▶ [Problem statement] From the entries below, work out the number of lines that hold the word "under", and give that number alone.

▶ [Input data]
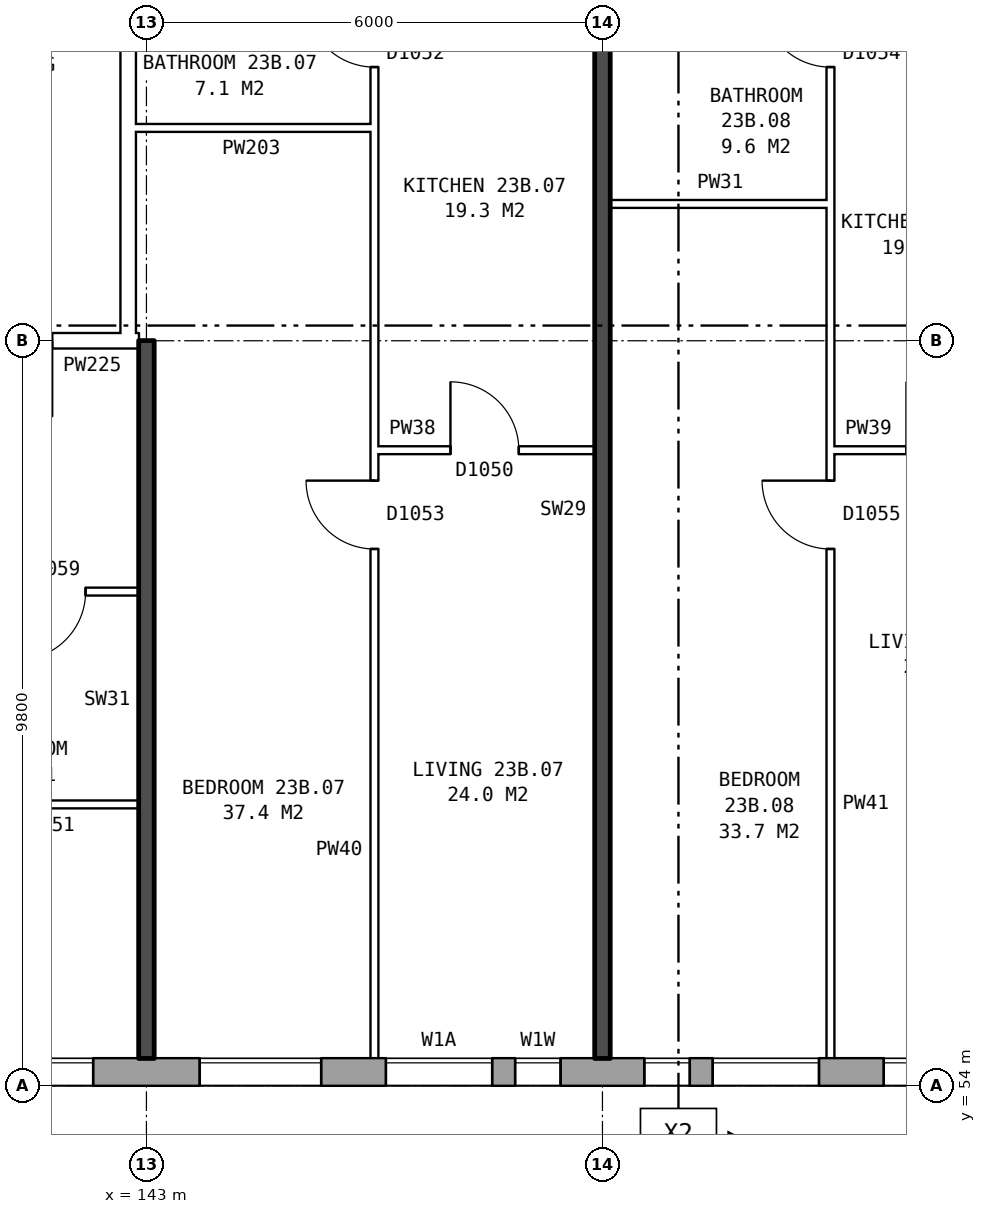
"""IFC4 building model, lengths in metres.
Left out: names, types, materials, properties, quantities, classifications, styles, units other than length and angle.
Written with IfcOpenShell. Run it as: python <this file> out.ifc"""

import sys

from ifc_helpers import new_model, si_unit, direction, frame, frame_2d, origin, place, context, subcontext, project, spatial, rectangle, extrude, element, fill, save


model = new_model("IFC4")
c1 = context("Model", 3, precision=1e-05, world=origin(), true_north=direction((0.0, 1.0)))
c2 = subcontext(c1, "Body", "Model", "MODEL_VIEW")
j1 = project(units=[si_unit("LENGTHUNIT", "METRE"), si_unit("PLANEANGLEUNIT", "RADIAN")], contexts=[c1])
p1 = place(None, origin())
s1 = spatial("IfcSite", under=j1, at=p1, CompositionType="ELEMENT")
p2 = place(p1, origin())
s2 = spatial("IfcBuilding", under=s1, at=p2, CompositionType="ELEMENT")
p3 = place(p2, frame((0.0, 0.0, 84.0)))
s3 = spatial("IfcBuildingStorey", under=s2, at=p3, CompositionType="ELEMENT", Elevation=84.0)
p4 = place(p3, frame((134.075, 54.18, 0.0), z_axis=(0.0, 0.0, 1.0), x_axis=(1.0, 0.0, 0.0)))
e1 = element("IfcWall", 1, at=p4, inside=s3, PredefinedType="STANDARD", context=c2, shape_type="SweptSolid", body=[
    extrude(rectangle(XDim=38.101, YDim=0.36, at=frame_2d((19.05, 0.0))), origin(), (0.0, 0.0, 1.0), 2.85),
])
p5 = place(p4, frame((0.625, 0.0, 0.8)))
e2 = element("IfcOpeningElement", 2, at=p5, cuts=e1, PredefinedType="OPENING", context=c2, shape_type="SweptSolid", body=[
    extrude(rectangle(XDim=1.6, YDim=1.8, at=frame_2d((0.8, 0.9))), frame((0.0, 0.19, 0.0), z_axis=(0.0, -1.0, 0.0), x_axis=(1.0, 0.0, 0.0)), (0.0, 0.0, 1.0), 0.38),
])
p6 = place(p4, frame((3.625, 0.0, 0.8)))
e3 = element("IfcOpeningElement", 3, at=p6, cuts=e1, PredefinedType="OPENING", context=c2, shape_type="SweptSolid", body=[
    extrude(rectangle(XDim=1.6, YDim=1.8, at=frame_2d((0.8, 0.9))), frame((0.0, 0.19, 0.0), z_axis=(0.0, -1.0, 0.0), x_axis=(1.0, 0.0, 0.0)), (0.0, 0.0, 1.0), 0.38),
])
p7 = place(p4, frame((6.625, 0.0, 0.8)))
e4 = element("IfcOpeningElement", 4, at=p7, cuts=e1, PredefinedType="OPENING", context=c2, shape_type="SweptSolid", body=[
    extrude(rectangle(XDim=1.6, YDim=1.8, at=frame_2d((0.8, 0.9))), frame((0.0, 0.19, 0.0), z_axis=(0.0, -1.0, 0.0), x_axis=(1.0, 0.0, 0.0)), (0.0, 0.0, 1.0), 0.38),
])
p8 = place(p4, frame((9.625, 0.0, 0.8)))
e5 = element("IfcOpeningElement", 5, at=p8, cuts=e1, PredefinedType="OPENING", context=c2, shape_type="SweptSolid", body=[
    extrude(rectangle(XDim=1.6, YDim=1.8, at=frame_2d((0.8, 0.9))), frame((0.0, 0.19, 0.0), z_axis=(0.0, -1.0, 0.0), x_axis=(1.0, 0.0, 0.0)), (0.0, 0.0, 1.0), 0.38),
])
p9 = place(p4, frame((12.075, 0.0, 0.8)))
e6 = element("IfcOpeningElement", 6, at=p9, cuts=e1, PredefinedType="OPENING", context=c2, shape_type="SweptSolid", body=[
    extrude(rectangle(XDim=1.4, YDim=1.8, at=frame_2d((0.7, 0.9))), frame((0.0, 0.19, 0.0), z_axis=(0.0, -1.0, 0.0), x_axis=(1.0, 0.0, 0.0)), (0.0, 0.0, 1.0), 0.38),
])
p10 = place(p4, frame((15.475, 0.0, 0.65)))
e7 = element("IfcOpeningElement", 7, at=p10, cuts=e1, PredefinedType="OPENING", context=c2, shape_type="SweptSolid", body=[
    extrude(rectangle(XDim=0.6, YDim=0.9, at=frame_2d((0.3, 0.45))), frame((0.0, 0.19, 0.0), z_axis=(0.0, -1.0, 0.0), x_axis=(1.0, 0.0, 0.0)), (0.0, 0.0, 1.0), 0.38),
])
p11 = place(p4, frame((18.625, 0.0, 0.8)))
e8 = element("IfcOpeningElement", 8, at=p11, cuts=e1, PredefinedType="OPENING", context=c2, shape_type="SweptSolid", body=[
    extrude(rectangle(XDim=1.6, YDim=1.8, at=frame_2d((0.8, 0.9))), frame((0.0, 0.19, 0.0), z_axis=(0.0, -1.0, 0.0), x_axis=(1.0, 0.0, 0.0)), (0.0, 0.0, 1.0), 0.38),
])
p12 = place(p4, frame((21.125, 0.0, 0.8)))
e9 = element("IfcOpeningElement", 9, at=p12, cuts=e1, PredefinedType="OPENING", context=c2, shape_type="SweptSolid", body=[
    extrude(rectangle(XDim=1.0, YDim=1.2, at=frame_2d((0.5, 0.6))), frame((0.0, 0.19, 0.0), z_axis=(0.0, -1.0, 0.0), x_axis=(1.0, 0.0, 0.0)), (0.0, 0.0, 1.0), 0.38),
])
p13 = place(p4, frame((24.625, 0.0, 0.8)))
e10 = element("IfcOpeningElement", 10, at=p13, cuts=e1, PredefinedType="OPENING", context=c2, shape_type="SweptSolid", body=[
    extrude(rectangle(XDim=1.6, YDim=1.8, at=frame_2d((0.8, 0.9))), frame((0.0, 0.19, 0.0), z_axis=(0.0, -1.0, 0.0), x_axis=(1.0, 0.0, 0.0)), (0.0, 0.0, 1.0), 0.38),
])
p14 = place(p4, frame((27.625, 0.0, 0.8)))
e11 = element("IfcOpeningElement", 11, at=p14, cuts=e1, PredefinedType="OPENING", context=c2, shape_type="SweptSolid", body=[
    extrude(rectangle(XDim=1.6, YDim=1.8, at=frame_2d((0.8, 0.9))), frame((0.0, 0.19, 0.0), z_axis=(0.0, -1.0, 0.0), x_axis=(1.0, 0.0, 0.0)), (0.0, 0.0, 1.0), 0.38),
])
p15 = place(p4, frame((30.625, 0.0, 0.8)))
e12 = element("IfcOpeningElement", 12, at=p15, cuts=e1, PredefinedType="OPENING", context=c2, shape_type="SweptSolid", body=[
    extrude(rectangle(XDim=1.6, YDim=1.8, at=frame_2d((0.8, 0.9))), frame((0.0, 0.19, 0.0), z_axis=(0.0, -1.0, 0.0), x_axis=(1.0, 0.0, 0.0)), (0.0, 0.0, 1.0), 0.38),
])
p16 = place(p4, frame((33.625, 0.0, 0.8)))
e13 = element("IfcOpeningElement", 13, at=p16, cuts=e1, PredefinedType="OPENING", context=c2, shape_type="SweptSolid", body=[
    extrude(rectangle(XDim=1.6, YDim=1.8, at=frame_2d((0.8, 0.9))), frame((0.0, 0.19, 0.0), z_axis=(0.0, -1.0, 0.0), x_axis=(1.0, 0.0, 0.0)), (0.0, 0.0, 1.0), 0.38),
])
p17 = place(p4, frame((13.775, 0.0, 1.6)))
e14 = element("IfcOpeningElement", 14, at=p17, cuts=e1, PredefinedType="OPENING", context=c2, shape_type="SweptSolid", body=[
    extrude(rectangle(XDim=0.6, YDim=0.9, at=frame_2d((0.3, 0.45))), frame((0.0, 0.19, 0.0), z_axis=(0.0, -1.0, 0.0), x_axis=(1.0, 0.0, 0.0)), (0.0, 0.0, 1.0), 0.38),
])
p18 = place(p4, frame((16.375, 0.0, 0.65)))
e15 = element("IfcOpeningElement", 15, at=p18, cuts=e1, PredefinedType="OPENING", context=c2, shape_type="SweptSolid", body=[
    extrude(rectangle(XDim=1.4, YDim=1.8, at=frame_2d((0.7, 0.9))), frame((0.0, 0.19, 0.0), z_axis=(0.0, -1.0, 0.0), x_axis=(1.0, 0.0, 0.0)), (0.0, 0.0, 1.0), 0.38),
])
p19 = place(p4, frame((23.625, 0.0, 1.7)))
e16 = element("IfcOpeningElement", 16, at=p19, cuts=e1, PredefinedType="OPENING", context=c2, shape_type="SweptSolid", body=[
    extrude(rectangle(XDim=0.6, YDim=0.9, at=frame_2d((0.3, 0.45))), frame((0.0, 0.19, 0.0), z_axis=(0.0, -1.0, 0.0), x_axis=(1.0, 0.0, 0.0)), (0.0, 0.0, 1.0), 0.38),
])
p20 = place(p3, frame((142.76, 63.9, 0.0), z_axis=(0.0, 0.0, 1.0), x_axis=(0.0, 1.0, 0.0)))
e17 = element("IfcWall", 17, at=p20, inside=s3, PredefinedType="PARTITIONING", context=c2, shape_type="SweptSolid", body=[
    extrude(rectangle(XDim=12.2, YDim=0.2, at=frame_2d((6.1, 0.0))), origin(), (0.0, 0.0, 1.0), 2.85),
])
p21 = place(p20, frame((5.1, 0.0, 0.0)))
e18 = element("IfcOpeningElement", 18, at=p21, cuts=e17, PredefinedType="OPENING", context=c2, shape_type="SweptSolid", body=[
    extrude(rectangle(XDim=2.0, YDim=2.1, at=frame_2d((1.0, 1.05))), frame((0.0, 0.11, 0.0), z_axis=(0.0, -1.0, 0.0), x_axis=(1.0, 0.0, 0.0)), (0.0, 0.0, 1.0), 0.22),
])
p22 = place(p3, frame((140.6, 57.7, 0.0), z_axis=(0.0, 0.0, 1.0), x_axis=(1.0, 0.0, 0.0)))
e19 = element("IfcWall", 19, at=p22, inside=s3, PredefinedType="PARTITIONING", context=c2, shape_type="SweptSolid", body=[
    extrude(rectangle(XDim=2.3, YDim=0.1, at=frame_2d((1.15, 0.0))), origin(), (0.0, 0.0, 1.0), 2.85),
])
p23 = place(p3, frame((137.1, 60.5, 0.0), z_axis=(0.0, 0.0, 1.0), x_axis=(1.0, 0.0, 0.0)))
e20 = element("IfcWall", 20, at=p23, inside=s3, PredefinedType="PARTITIONING", context=c2, shape_type="SweptSolid", body=[
    extrude(rectangle(XDim=5.8, YDim=0.1, at=frame_2d((2.9, 0.0))), origin(), (0.0, 0.0, 1.0), 2.85),
])
p24 = place(p23, frame((1.3, 0.0, 0.0)))
e21 = element("IfcOpeningElement", 21, at=p24, cuts=e20, PredefinedType="OPENING", context=c2, shape_type="SweptSolid", body=[
    extrude(rectangle(XDim=0.9, YDim=2.1, at=frame_2d((0.45, 1.05))), frame((0.0, 0.06, 0.0), z_axis=(0.0, -1.0, 0.0), x_axis=(1.0, 0.0, 0.0)), (0.0, 0.0, 1.0), 0.12),
])
p25 = place(p23, frame((4.2, 0.0, 0.0)))
e22 = element("IfcOpeningElement", 22, at=p25, cuts=e20, PredefinedType="OPENING", context=c2, shape_type="SweptSolid", body=[
    extrude(rectangle(XDim=0.9, YDim=2.1, at=frame_2d((0.45, 1.05))), frame((0.0, 0.06, 0.0), z_axis=(0.0, -1.0, 0.0), x_axis=(1.0, 0.0, 0.0)), (0.0, 0.0, 1.0), 0.12),
])
p26 = place(p3, frame((146.0, 62.36, 0.0), z_axis=(0.0, 0.0, 1.0), x_axis=(1.0, 0.0, 0.0)))
e23 = element("IfcWall", 23, at=p26, inside=s3, PredefinedType="PARTITIONING", context=c2, shape_type="SweptSolid", body=[
    extrude(rectangle(XDim=2.9, YDim=0.1, at=frame_2d((1.45, 0.0))), origin(), (0.0, 0.0, 1.0), 2.85),
])
p27 = place(p26, frame((1.0, 0.0, 0.0)))
e24 = element("IfcOpeningElement", 24, at=p27, cuts=e23, PredefinedType="OPENING", context=c2, shape_type="SweptSolid", body=[
    extrude(rectangle(XDim=0.9, YDim=2.1, at=frame_2d((0.45, 1.05))), frame((0.0, 0.06, 0.0), z_axis=(0.0, -1.0, 0.0), x_axis=(1.0, 0.0, 0.0)), (0.0, 0.0, 1.0), 0.12),
])
p28 = place(p3, frame((152.0, 62.36, 0.0), z_axis=(0.0, 0.0, 1.0), x_axis=(1.0, 0.0, 0.0)))
e25 = element("IfcWall", 25, at=p28, inside=s3, PredefinedType="PARTITIONING", context=c2, shape_type="SweptSolid", body=[
    extrude(rectangle(XDim=2.9, YDim=0.1, at=frame_2d((1.45, 0.0))), origin(), (0.0, 0.0, 1.0), 2.85),
])
p29 = place(p28, frame((1.0, 0.0, 0.0)))
e26 = element("IfcOpeningElement", 26, at=p29, cuts=e25, PredefinedType="OPENING", context=c2, shape_type="SweptSolid", body=[
    extrude(rectangle(XDim=0.9, YDim=2.1, at=frame_2d((0.45, 1.05))), frame((0.0, 0.06, 0.0), z_axis=(0.0, -1.0, 0.0), x_axis=(1.0, 0.0, 0.0)), (0.0, 0.0, 1.0), 0.12),
])
p30 = place(p3, frame((139.76, 63.8, 0.0), z_axis=(0.0, 0.0, 1.0), x_axis=(1.0, 0.0, 0.0)))
e27 = element("IfcWall", 27, at=p30, inside=s3, PredefinedType="PARTITIONING", context=c2, shape_type="SweptSolid", body=[
    extrude(rectangle(XDim=3.0, YDim=0.2, at=frame_2d((1.5, 0.0))), origin(), (0.0, 0.0, 1.0), 2.85),
])
p31 = place(p30, frame((1.0, 0.0, 0.0)))
e28 = element("IfcOpeningElement", 28, at=p31, cuts=e27, PredefinedType="OPENING", context=c2, shape_type="SweptSolid", body=[
    extrude(rectangle(XDim=1.0, YDim=2.1, at=frame_2d((0.5, 1.05))), frame((0.0, 0.11, 0.0), z_axis=(0.0, -1.0, 0.0), x_axis=(1.0, 0.0, 0.0)), (0.0, 0.0, 1.0), 0.22),
])
p32 = place(p3, frame((142.76, 63.8, 0.0), z_axis=(0.0, 0.0, 1.0), x_axis=(1.0, 0.0, 0.0)))
e29 = element("IfcWall", 29, at=p32, inside=s3, PredefinedType="PARTITIONING", context=c2, shape_type="SweptSolid", body=[
    extrude(rectangle(XDim=0.14, YDim=0.2, at=frame_2d((0.07, 0.0))), origin(), (0.0, 0.0, 1.0), 2.85),
])
p33 = place(p3, frame((149.1, 65.6, 0.0), z_axis=(0.0, 0.0, 1.0), x_axis=(1.0, 0.0, 0.0)))
e30 = element("IfcWall", 30, at=p33, inside=s3, PredefinedType="PARTITIONING", context=c2, shape_type="SweptSolid", body=[
    extrude(rectangle(XDim=2.9, YDim=0.1, at=frame_2d((1.45, 0.0))), origin(), (0.0, 0.0, 1.0), 2.85),
])
p34 = place(p3, frame((142.76, 66.6, 0.0), z_axis=(0.0, 0.0, 1.0), x_axis=(1.0, 0.0, 0.0)))
e31 = element("IfcWall", 31, at=p34, inside=s3, PredefinedType="PARTITIONING", context=c2, shape_type="SweptSolid", body=[
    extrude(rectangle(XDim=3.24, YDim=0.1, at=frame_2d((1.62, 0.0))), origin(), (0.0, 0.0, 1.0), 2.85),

▶ [Expected output] 3